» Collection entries
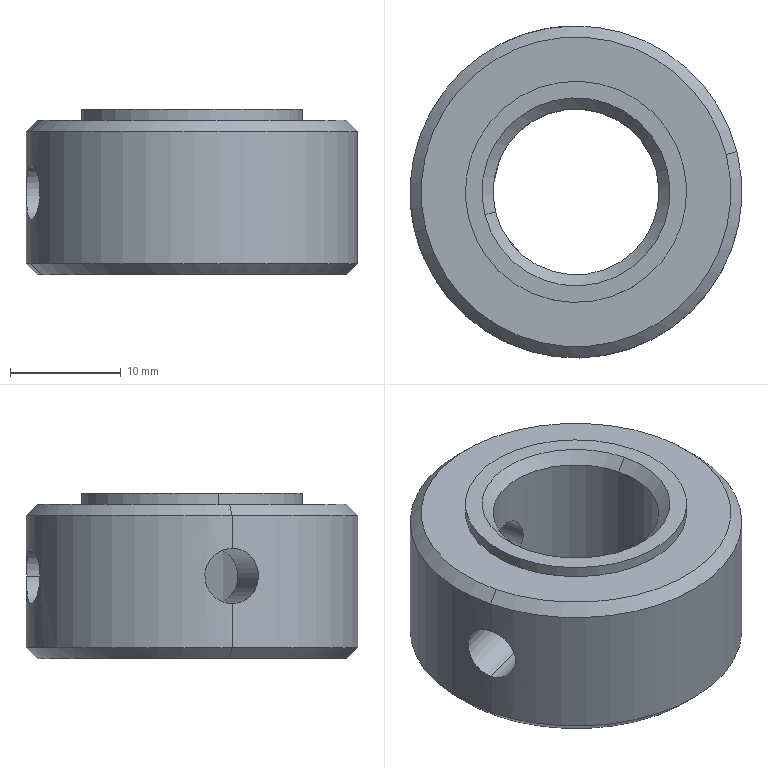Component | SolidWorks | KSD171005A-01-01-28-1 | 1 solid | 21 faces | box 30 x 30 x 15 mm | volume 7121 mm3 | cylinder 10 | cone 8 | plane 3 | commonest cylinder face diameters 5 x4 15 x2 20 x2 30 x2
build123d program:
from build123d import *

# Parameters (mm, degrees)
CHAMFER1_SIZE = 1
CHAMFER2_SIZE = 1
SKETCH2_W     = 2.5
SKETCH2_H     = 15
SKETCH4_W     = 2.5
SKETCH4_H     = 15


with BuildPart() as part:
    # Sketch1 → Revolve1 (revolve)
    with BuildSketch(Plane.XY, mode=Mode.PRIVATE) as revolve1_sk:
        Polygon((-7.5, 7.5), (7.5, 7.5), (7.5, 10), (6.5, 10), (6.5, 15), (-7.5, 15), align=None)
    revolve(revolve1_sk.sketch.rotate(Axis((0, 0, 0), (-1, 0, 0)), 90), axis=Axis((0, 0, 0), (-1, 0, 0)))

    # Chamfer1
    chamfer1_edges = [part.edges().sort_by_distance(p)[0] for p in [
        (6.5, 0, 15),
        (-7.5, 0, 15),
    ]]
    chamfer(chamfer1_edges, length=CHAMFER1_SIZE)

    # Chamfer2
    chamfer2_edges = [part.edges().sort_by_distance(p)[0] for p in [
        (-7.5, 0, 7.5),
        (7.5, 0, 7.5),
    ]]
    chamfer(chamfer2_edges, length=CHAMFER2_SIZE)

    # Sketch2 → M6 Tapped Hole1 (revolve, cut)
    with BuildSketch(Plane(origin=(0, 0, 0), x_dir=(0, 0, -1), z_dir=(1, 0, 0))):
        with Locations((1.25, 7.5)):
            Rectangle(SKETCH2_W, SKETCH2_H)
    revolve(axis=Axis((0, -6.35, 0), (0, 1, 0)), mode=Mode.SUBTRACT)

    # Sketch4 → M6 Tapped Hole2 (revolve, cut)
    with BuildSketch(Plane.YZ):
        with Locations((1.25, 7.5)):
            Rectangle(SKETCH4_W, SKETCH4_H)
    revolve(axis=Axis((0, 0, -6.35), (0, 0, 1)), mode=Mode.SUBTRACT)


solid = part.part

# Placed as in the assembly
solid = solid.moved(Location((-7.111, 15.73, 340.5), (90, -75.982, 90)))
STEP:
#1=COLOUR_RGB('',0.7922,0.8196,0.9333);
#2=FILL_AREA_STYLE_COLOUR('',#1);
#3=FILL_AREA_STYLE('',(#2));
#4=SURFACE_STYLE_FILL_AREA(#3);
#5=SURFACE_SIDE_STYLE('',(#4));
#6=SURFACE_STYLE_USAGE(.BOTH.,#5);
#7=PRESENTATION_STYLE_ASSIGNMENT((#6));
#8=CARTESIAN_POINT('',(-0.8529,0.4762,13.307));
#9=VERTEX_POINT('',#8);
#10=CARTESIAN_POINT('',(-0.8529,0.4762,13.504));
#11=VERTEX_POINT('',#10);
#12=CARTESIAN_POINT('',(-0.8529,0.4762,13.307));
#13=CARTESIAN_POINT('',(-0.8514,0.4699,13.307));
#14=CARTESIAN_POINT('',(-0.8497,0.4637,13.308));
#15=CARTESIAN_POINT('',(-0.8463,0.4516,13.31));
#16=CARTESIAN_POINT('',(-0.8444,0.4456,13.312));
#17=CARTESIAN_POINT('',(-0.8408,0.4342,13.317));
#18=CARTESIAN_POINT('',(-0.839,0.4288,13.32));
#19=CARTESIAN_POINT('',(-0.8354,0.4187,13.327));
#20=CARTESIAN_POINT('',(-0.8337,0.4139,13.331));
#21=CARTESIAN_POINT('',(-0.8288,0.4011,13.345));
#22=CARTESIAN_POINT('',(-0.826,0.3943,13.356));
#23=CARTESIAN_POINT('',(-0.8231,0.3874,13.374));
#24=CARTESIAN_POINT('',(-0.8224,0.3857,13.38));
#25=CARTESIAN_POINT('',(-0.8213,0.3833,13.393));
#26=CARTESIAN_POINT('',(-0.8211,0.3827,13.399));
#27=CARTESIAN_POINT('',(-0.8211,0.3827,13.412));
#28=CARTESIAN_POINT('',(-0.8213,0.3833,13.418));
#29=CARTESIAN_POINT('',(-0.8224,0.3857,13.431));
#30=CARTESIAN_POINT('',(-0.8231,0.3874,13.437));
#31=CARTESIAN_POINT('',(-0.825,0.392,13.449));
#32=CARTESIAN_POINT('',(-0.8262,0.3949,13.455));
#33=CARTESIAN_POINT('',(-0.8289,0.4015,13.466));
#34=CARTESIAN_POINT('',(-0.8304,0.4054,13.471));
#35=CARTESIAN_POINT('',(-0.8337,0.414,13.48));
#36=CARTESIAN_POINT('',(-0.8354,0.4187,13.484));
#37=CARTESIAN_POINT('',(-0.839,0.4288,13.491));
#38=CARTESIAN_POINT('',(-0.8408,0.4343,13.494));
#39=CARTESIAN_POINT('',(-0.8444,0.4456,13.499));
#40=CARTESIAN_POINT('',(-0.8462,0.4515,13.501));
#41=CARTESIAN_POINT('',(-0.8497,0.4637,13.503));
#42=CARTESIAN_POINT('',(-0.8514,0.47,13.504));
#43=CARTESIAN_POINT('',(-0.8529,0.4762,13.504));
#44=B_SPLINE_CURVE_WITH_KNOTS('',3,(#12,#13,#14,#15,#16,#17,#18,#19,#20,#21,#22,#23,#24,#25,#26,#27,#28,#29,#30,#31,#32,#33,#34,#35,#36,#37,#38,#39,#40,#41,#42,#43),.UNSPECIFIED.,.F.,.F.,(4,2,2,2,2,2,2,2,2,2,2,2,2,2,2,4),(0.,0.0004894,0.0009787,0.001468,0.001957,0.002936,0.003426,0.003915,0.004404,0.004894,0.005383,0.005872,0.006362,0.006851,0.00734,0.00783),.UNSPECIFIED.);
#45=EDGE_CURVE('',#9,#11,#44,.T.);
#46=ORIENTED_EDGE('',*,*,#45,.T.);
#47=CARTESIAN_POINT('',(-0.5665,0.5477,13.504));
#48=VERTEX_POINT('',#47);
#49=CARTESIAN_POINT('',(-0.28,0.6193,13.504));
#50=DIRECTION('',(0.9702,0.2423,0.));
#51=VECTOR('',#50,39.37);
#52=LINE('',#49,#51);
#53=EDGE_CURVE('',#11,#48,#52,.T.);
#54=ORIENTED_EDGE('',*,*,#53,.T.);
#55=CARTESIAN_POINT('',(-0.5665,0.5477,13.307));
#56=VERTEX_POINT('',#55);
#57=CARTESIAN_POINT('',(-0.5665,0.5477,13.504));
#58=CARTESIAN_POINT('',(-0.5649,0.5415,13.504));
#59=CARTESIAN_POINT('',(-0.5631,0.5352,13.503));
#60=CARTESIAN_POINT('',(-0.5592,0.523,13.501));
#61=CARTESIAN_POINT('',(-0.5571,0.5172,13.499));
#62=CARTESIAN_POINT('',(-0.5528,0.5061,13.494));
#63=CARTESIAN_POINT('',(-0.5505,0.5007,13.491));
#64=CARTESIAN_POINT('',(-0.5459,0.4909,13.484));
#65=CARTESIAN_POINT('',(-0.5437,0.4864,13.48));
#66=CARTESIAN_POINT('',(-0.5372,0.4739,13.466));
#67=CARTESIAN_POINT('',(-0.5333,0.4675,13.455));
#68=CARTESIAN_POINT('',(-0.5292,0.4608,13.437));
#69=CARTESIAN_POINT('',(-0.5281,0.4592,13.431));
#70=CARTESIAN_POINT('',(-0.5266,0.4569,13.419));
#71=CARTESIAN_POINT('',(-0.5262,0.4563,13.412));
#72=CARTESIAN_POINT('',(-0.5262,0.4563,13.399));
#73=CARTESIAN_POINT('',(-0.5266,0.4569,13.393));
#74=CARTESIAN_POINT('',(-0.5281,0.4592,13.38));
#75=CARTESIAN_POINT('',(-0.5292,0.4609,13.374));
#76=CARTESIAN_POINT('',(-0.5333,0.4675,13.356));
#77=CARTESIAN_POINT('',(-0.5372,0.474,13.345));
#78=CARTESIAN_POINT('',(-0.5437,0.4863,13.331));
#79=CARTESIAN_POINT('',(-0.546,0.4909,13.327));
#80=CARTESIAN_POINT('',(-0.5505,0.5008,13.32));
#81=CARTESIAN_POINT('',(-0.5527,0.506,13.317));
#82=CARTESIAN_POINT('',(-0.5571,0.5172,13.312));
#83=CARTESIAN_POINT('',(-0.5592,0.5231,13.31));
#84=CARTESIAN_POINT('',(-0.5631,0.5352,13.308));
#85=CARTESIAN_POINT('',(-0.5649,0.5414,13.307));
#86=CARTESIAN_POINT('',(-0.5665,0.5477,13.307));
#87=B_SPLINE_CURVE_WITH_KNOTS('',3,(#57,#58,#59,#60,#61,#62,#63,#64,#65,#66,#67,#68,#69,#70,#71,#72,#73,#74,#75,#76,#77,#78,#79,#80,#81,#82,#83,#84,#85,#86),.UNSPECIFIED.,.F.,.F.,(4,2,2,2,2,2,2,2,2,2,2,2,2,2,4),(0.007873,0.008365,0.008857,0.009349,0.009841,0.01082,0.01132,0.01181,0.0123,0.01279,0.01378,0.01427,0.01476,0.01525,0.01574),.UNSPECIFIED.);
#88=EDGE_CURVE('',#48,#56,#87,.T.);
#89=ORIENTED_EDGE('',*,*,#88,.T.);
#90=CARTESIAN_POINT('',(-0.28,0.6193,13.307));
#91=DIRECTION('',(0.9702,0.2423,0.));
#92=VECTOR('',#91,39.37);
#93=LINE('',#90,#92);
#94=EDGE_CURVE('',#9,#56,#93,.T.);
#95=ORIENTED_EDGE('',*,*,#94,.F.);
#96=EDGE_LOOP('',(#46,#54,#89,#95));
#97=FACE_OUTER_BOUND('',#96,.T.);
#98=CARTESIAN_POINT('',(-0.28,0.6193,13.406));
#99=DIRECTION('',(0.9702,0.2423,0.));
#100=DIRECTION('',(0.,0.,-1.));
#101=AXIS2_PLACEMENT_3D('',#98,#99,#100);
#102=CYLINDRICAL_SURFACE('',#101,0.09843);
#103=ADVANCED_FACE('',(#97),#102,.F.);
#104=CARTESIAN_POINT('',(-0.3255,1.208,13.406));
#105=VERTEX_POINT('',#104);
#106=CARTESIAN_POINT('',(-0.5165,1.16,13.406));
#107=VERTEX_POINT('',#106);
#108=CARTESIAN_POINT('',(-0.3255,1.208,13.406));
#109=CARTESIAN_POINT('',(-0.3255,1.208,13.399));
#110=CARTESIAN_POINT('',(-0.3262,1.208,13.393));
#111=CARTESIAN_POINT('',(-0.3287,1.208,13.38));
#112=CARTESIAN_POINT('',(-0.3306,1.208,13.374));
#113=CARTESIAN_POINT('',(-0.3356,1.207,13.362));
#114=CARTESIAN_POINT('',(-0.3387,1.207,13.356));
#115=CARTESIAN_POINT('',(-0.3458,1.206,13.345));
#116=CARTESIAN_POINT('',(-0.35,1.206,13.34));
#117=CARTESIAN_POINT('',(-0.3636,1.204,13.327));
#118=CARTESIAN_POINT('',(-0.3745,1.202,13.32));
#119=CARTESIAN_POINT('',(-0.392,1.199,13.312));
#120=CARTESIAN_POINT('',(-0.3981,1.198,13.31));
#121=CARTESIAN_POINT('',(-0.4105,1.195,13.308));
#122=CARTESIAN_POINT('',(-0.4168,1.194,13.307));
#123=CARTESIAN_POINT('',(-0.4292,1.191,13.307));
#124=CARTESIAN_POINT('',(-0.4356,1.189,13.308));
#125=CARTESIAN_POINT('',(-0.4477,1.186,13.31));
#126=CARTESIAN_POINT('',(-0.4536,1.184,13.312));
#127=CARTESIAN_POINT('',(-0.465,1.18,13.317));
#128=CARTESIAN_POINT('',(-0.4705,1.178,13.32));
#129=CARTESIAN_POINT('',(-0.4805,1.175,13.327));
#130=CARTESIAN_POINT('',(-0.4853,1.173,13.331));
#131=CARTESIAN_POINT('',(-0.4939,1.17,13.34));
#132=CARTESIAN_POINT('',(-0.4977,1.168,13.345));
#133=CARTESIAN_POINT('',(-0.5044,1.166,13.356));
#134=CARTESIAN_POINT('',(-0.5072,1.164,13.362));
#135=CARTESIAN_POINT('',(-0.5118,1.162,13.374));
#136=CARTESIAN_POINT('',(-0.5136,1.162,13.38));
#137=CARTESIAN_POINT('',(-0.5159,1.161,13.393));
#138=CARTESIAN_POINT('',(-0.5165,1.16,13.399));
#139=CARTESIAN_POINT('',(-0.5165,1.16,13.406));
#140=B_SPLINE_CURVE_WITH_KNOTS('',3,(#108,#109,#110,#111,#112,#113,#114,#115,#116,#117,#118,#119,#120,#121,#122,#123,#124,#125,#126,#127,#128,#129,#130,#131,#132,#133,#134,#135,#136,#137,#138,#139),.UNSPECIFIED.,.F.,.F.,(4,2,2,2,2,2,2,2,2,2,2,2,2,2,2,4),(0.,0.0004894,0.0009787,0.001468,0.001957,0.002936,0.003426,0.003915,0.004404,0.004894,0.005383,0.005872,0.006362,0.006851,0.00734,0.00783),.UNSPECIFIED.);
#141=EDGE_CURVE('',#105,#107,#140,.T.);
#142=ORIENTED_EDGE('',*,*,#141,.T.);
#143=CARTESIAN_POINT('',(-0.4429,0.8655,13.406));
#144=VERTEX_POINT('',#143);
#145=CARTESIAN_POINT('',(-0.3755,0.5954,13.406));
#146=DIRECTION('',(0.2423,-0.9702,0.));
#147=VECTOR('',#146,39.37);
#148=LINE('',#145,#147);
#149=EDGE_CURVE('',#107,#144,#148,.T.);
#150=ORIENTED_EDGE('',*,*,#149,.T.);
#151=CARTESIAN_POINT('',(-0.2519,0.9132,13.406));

» What needs to be done
The required output is every line above from the one with "#139=CARTESIAN_POINT('',(-0.5165,1.16,13.406));" down to the one with "#143=CARTESIAN_POINT('',(-0.4429,0.8655,13.406));", restated word for word, ends included.

» Result of the task
#139=CARTESIAN_POINT('',(-0.5165,1.16,13.406));
#140=B_SPLINE_CURVE_WITH_KNOTS('',3,(#108,#109,#110,#111,#112,#113,#114,#115,#116,#117,#118,#119,#120,#121,#122,#123,#124,#125,#126,#127,#128,#129,#130,#131,#132,#133,#134,#135,#136,#137,#138,#139),.UNSPECIFIED.,.F.,.F.,(4,2,2,2,2,2,2,2,2,2,2,2,2,2,2,4),(0.,0.0004894,0.0009787,0.001468,0.001957,0.002936,0.003426,0.003915,0.004404,0.004894,0.005383,0.005872,0.006362,0.006851,0.00734,0.00783),.UNSPECIFIED.);
#141=EDGE_CURVE('',#105,#107,#140,.T.);
#142=ORIENTED_EDGE('',*,*,#141,.T.);
#143=CARTESIAN_POINT('',(-0.4429,0.8655,13.406));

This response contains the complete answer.